● **Exercise instructions**
Using the records provided below, locate and copy each line that contains the word "origin".

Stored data
'''
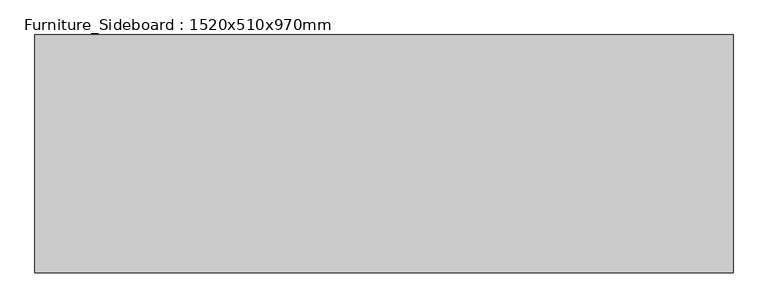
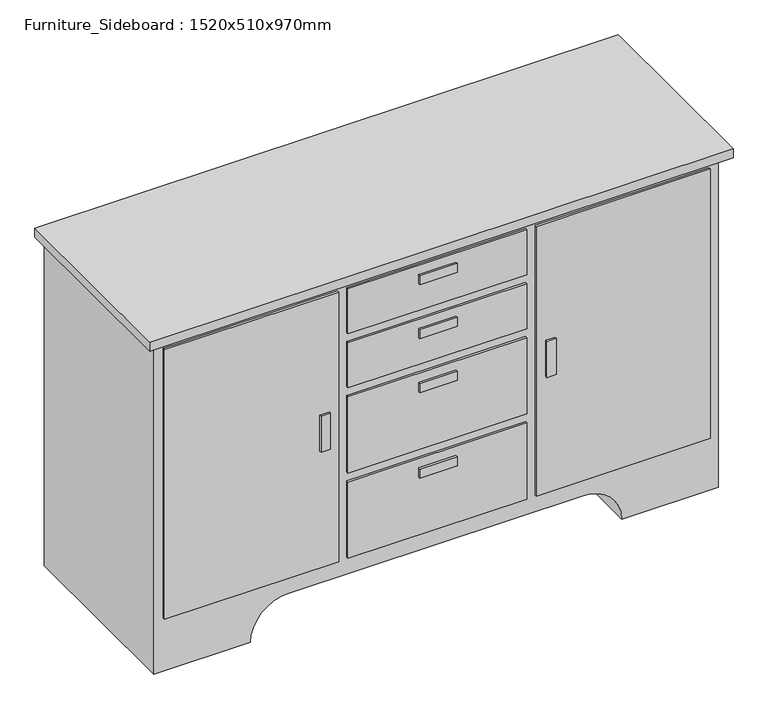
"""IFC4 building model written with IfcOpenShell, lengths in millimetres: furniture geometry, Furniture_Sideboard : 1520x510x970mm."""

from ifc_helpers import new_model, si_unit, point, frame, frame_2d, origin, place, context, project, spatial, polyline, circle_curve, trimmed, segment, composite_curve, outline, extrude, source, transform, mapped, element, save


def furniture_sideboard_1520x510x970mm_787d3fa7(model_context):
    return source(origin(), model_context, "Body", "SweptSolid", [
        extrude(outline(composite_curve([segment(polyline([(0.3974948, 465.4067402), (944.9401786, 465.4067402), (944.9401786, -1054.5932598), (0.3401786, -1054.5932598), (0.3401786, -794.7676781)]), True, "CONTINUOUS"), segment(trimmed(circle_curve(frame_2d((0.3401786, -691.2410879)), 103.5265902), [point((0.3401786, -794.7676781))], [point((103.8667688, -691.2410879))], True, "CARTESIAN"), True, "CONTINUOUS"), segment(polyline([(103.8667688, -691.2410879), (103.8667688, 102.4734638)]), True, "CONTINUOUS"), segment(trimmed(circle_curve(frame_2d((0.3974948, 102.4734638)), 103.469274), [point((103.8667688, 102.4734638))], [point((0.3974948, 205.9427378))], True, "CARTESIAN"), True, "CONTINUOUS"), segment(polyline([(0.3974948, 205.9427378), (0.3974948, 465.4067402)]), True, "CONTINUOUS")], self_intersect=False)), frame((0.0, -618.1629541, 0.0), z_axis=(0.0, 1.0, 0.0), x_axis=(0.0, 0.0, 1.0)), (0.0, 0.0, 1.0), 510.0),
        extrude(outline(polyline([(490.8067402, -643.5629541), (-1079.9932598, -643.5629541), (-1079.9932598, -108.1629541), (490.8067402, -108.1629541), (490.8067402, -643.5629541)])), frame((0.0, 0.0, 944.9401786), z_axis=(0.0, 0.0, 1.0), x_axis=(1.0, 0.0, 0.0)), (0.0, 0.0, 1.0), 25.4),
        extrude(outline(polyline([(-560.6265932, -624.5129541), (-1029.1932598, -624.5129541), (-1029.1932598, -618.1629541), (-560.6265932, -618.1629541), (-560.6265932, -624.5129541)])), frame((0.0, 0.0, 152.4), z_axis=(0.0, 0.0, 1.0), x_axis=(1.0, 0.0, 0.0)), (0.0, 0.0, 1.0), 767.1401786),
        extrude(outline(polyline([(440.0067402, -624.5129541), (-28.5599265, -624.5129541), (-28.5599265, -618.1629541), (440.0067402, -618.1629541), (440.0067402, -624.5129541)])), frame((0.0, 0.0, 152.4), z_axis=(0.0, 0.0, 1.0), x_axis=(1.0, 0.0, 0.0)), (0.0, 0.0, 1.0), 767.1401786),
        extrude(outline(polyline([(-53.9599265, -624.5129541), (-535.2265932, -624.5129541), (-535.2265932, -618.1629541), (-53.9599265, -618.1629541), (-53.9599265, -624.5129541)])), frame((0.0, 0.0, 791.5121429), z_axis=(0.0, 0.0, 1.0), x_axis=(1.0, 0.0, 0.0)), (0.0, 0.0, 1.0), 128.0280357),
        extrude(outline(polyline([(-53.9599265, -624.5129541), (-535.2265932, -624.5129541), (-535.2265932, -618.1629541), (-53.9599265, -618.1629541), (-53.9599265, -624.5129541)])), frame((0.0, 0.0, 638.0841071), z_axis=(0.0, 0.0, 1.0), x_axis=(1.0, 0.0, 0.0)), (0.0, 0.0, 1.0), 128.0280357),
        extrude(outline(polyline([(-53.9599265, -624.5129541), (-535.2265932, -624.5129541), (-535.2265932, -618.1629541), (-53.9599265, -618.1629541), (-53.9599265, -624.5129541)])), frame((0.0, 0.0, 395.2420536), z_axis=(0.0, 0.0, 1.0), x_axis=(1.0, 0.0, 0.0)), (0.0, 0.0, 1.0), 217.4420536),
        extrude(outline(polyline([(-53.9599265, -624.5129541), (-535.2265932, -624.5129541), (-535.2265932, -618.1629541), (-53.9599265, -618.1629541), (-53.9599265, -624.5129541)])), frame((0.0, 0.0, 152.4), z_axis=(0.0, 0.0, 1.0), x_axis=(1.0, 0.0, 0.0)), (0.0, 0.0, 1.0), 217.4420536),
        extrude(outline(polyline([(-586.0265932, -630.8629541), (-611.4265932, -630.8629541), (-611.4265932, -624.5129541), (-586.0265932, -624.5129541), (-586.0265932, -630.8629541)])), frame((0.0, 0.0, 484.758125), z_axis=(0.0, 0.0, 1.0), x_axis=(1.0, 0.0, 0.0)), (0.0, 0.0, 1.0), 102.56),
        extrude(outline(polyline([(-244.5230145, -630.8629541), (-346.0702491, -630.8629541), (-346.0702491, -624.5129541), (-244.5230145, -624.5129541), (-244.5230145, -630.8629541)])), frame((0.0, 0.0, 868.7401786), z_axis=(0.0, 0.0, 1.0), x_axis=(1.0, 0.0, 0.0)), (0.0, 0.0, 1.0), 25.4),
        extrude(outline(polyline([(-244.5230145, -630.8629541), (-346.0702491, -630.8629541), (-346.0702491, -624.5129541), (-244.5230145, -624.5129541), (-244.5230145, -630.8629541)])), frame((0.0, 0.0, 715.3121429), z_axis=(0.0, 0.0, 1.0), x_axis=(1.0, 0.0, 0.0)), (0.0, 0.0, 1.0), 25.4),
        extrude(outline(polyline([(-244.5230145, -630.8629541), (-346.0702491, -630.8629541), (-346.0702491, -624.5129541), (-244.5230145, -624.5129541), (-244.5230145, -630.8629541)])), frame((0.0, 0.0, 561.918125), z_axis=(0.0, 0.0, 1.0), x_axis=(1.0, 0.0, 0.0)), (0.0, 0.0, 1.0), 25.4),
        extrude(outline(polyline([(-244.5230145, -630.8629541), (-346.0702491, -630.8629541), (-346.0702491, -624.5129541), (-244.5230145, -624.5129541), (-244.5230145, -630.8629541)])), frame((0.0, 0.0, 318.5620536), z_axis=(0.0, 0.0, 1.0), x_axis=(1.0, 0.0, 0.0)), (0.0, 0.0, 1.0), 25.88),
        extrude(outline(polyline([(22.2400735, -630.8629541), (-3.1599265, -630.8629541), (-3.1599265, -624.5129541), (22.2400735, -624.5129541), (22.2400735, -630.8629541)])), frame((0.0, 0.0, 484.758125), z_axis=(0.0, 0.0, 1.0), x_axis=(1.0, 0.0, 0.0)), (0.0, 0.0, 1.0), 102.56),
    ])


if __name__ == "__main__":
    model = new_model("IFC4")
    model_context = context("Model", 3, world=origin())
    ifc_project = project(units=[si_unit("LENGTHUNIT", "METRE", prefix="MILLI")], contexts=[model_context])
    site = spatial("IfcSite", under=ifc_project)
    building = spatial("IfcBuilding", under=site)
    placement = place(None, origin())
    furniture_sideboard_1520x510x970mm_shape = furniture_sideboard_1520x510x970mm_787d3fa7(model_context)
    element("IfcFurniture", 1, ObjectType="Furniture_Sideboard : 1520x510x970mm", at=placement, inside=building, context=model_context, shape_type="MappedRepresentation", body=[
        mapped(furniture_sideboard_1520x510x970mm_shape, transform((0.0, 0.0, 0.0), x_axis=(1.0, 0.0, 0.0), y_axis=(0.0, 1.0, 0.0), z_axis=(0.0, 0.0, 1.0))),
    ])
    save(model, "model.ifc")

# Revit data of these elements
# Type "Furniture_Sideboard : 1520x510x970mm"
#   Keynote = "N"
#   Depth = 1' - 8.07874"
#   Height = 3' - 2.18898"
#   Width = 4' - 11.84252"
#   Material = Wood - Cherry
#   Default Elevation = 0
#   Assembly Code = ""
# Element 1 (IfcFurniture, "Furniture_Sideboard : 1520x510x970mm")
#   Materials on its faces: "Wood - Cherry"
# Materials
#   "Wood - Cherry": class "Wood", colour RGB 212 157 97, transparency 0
'''
● **Answer**
from ifc_helpers import new_model, si_unit, point, frame, frame_2d, origin, place, context, project, spatial, polyline, circle_curve, trimmed, segment, composite_curve, outline, extrude, source, transform, mapped, element, save
    return source(origin(), model_context, "Body", "SweptSolid", [
    model_context = context("Model", 3, world=origin())
    placement = place(None, origin())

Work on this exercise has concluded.